**Assigned task**
Counting only lines of the listing below that hold the word "number", give the total and nothing else.

**Data extract**

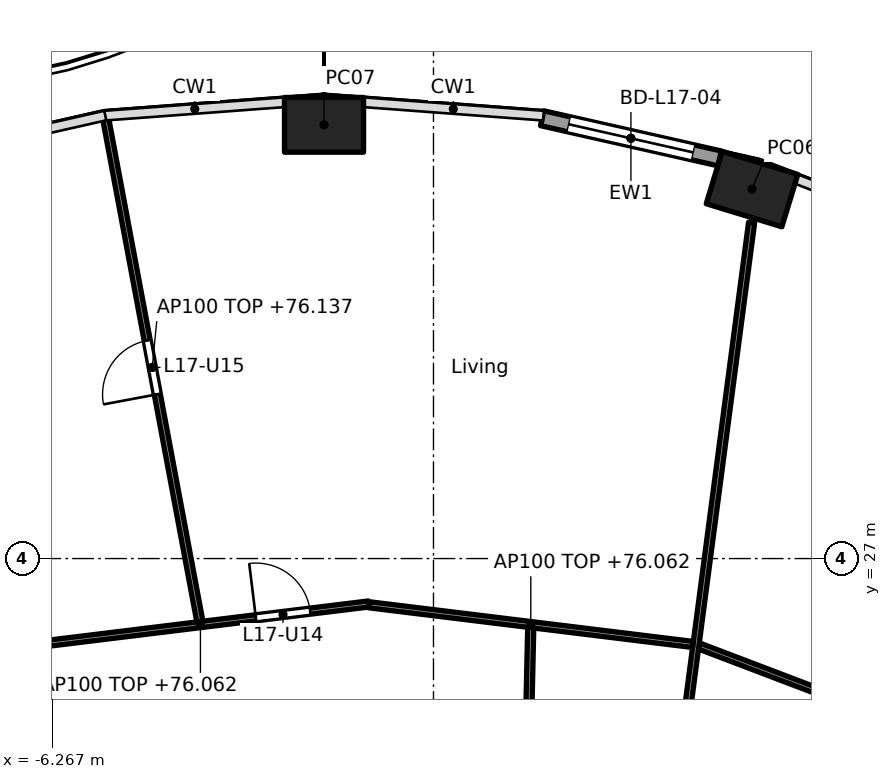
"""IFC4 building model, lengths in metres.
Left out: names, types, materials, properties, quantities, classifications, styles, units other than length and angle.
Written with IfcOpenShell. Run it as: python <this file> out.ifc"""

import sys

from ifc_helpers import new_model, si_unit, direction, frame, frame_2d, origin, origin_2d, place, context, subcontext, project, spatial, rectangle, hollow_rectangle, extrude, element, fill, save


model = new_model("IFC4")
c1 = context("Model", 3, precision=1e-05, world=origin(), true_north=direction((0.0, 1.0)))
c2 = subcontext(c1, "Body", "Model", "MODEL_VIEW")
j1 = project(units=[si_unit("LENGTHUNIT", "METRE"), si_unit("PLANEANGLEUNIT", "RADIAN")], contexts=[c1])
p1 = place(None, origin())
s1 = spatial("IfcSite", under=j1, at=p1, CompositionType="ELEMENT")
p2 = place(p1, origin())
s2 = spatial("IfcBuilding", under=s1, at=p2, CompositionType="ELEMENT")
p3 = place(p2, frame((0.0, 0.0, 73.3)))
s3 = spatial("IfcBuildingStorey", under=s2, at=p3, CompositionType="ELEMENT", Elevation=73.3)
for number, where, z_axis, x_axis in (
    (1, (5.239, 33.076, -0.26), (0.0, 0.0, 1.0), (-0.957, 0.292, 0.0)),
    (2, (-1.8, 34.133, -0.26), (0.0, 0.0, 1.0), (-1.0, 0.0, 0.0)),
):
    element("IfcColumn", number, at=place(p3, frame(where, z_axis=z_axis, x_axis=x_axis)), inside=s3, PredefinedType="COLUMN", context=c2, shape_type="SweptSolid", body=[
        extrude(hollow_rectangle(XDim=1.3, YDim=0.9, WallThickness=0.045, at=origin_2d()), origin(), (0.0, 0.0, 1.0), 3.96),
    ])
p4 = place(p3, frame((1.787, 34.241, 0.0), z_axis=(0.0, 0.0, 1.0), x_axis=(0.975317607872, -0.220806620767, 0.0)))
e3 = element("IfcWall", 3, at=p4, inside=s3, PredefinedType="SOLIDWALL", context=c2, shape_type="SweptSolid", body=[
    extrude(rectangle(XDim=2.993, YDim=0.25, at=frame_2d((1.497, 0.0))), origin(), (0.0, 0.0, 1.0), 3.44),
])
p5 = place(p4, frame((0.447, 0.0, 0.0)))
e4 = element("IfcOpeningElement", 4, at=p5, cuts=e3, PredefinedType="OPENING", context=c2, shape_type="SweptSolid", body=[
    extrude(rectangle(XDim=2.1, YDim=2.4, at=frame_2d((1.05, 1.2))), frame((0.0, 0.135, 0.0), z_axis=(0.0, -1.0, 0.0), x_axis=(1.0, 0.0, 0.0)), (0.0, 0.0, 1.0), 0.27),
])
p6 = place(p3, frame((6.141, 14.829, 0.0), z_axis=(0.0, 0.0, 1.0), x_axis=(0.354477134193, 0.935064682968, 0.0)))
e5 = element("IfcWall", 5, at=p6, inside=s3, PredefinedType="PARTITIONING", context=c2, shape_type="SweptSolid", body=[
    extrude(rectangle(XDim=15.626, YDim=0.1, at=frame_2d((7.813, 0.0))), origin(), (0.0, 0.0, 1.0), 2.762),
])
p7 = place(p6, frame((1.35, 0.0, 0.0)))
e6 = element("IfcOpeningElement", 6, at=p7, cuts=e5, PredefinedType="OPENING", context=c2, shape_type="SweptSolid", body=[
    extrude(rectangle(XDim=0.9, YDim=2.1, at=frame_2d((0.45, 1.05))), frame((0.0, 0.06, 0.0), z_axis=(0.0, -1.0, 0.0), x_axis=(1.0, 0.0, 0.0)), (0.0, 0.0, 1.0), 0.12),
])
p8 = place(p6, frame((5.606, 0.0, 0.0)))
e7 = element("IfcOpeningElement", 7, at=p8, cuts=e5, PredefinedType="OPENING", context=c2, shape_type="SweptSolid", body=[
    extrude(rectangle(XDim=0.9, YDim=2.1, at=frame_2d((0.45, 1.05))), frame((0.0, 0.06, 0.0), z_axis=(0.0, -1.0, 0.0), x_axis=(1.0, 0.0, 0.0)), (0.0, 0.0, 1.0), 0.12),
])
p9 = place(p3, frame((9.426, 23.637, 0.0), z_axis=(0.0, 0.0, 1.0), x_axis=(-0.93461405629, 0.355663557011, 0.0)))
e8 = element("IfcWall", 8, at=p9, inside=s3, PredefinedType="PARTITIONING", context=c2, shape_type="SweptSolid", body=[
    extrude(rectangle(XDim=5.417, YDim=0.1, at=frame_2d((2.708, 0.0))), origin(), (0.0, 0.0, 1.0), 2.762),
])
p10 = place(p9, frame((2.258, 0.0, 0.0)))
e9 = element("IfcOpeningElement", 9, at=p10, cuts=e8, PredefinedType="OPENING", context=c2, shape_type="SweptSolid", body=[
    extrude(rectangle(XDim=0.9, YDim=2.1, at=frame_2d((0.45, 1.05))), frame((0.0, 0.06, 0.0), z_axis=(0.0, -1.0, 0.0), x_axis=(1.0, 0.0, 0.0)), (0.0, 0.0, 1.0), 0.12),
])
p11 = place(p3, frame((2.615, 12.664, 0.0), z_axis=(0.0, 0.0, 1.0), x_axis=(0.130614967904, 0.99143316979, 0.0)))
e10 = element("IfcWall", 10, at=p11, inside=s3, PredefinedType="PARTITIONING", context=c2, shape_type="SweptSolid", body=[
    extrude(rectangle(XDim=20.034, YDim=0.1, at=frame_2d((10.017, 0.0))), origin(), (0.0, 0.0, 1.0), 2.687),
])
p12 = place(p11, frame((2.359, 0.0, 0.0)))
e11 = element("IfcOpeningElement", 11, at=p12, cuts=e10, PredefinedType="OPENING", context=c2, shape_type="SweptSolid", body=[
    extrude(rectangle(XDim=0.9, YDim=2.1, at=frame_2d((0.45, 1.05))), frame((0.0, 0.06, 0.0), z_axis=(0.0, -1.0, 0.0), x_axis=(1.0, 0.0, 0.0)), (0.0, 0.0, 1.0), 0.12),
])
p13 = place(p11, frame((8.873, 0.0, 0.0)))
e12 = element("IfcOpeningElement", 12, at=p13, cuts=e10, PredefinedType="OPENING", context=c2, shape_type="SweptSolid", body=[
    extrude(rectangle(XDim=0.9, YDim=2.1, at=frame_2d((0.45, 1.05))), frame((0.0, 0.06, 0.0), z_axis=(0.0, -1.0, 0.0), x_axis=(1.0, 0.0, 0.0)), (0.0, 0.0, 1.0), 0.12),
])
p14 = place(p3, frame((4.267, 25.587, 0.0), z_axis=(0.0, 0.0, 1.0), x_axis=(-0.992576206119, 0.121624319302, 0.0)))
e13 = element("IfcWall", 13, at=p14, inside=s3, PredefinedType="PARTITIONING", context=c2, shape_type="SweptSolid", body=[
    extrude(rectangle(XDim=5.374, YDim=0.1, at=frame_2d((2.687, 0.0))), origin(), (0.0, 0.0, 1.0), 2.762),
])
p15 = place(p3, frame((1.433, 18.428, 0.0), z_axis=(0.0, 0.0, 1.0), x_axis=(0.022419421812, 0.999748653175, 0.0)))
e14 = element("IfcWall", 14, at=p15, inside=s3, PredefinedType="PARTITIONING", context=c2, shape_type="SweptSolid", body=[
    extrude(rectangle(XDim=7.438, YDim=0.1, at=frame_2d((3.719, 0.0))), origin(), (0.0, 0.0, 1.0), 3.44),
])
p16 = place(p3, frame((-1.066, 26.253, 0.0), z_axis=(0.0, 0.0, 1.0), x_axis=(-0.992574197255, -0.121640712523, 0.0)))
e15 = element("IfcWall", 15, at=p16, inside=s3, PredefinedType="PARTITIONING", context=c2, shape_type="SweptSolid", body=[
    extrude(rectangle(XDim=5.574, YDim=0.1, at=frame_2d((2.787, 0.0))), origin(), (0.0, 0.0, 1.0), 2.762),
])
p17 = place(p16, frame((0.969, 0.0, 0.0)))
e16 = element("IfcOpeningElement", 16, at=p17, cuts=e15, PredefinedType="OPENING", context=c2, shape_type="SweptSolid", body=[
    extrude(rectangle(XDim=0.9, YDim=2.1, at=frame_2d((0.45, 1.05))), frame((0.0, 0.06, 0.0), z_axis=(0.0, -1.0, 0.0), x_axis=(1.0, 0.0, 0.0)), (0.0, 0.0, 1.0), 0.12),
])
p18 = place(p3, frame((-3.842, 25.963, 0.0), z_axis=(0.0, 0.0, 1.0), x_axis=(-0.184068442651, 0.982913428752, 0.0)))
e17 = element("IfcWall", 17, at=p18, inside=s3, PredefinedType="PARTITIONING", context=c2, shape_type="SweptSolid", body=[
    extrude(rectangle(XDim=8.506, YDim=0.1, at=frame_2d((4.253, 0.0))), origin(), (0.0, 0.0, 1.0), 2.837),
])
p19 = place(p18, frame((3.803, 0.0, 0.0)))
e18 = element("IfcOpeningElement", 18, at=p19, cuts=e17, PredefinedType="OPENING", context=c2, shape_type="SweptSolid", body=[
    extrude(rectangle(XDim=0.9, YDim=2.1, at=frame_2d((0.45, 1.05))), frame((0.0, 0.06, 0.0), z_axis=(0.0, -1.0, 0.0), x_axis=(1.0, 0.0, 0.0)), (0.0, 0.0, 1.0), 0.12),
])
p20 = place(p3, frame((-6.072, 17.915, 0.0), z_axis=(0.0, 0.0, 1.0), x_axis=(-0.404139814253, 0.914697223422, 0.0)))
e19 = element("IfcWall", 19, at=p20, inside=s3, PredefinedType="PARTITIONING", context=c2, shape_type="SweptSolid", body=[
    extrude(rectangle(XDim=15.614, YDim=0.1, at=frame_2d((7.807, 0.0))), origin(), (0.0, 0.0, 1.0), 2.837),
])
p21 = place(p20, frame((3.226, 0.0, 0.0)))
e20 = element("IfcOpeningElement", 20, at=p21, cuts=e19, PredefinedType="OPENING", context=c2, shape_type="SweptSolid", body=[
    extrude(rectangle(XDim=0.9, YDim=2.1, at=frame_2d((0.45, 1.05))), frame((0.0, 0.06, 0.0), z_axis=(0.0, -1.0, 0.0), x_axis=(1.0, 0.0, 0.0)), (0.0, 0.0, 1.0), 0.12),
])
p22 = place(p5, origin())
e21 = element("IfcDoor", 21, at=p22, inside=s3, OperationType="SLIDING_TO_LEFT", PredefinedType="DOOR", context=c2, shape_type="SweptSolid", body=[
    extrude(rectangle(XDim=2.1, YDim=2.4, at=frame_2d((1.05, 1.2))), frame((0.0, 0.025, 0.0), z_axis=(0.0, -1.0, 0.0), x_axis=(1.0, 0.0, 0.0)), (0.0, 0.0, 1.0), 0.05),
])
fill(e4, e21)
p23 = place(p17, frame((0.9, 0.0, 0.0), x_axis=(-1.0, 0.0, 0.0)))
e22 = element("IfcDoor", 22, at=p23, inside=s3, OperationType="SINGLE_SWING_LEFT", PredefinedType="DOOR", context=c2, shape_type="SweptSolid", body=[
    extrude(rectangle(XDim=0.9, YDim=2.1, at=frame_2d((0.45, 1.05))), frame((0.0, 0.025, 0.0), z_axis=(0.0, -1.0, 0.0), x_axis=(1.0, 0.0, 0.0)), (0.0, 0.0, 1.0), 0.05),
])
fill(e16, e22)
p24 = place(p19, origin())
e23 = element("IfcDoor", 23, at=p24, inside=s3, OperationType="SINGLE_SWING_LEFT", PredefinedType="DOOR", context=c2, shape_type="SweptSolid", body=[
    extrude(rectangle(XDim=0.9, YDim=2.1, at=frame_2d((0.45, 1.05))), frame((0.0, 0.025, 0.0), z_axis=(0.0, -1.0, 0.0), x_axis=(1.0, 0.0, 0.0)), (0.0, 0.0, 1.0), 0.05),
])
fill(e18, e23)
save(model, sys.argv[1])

**Exercise response**
2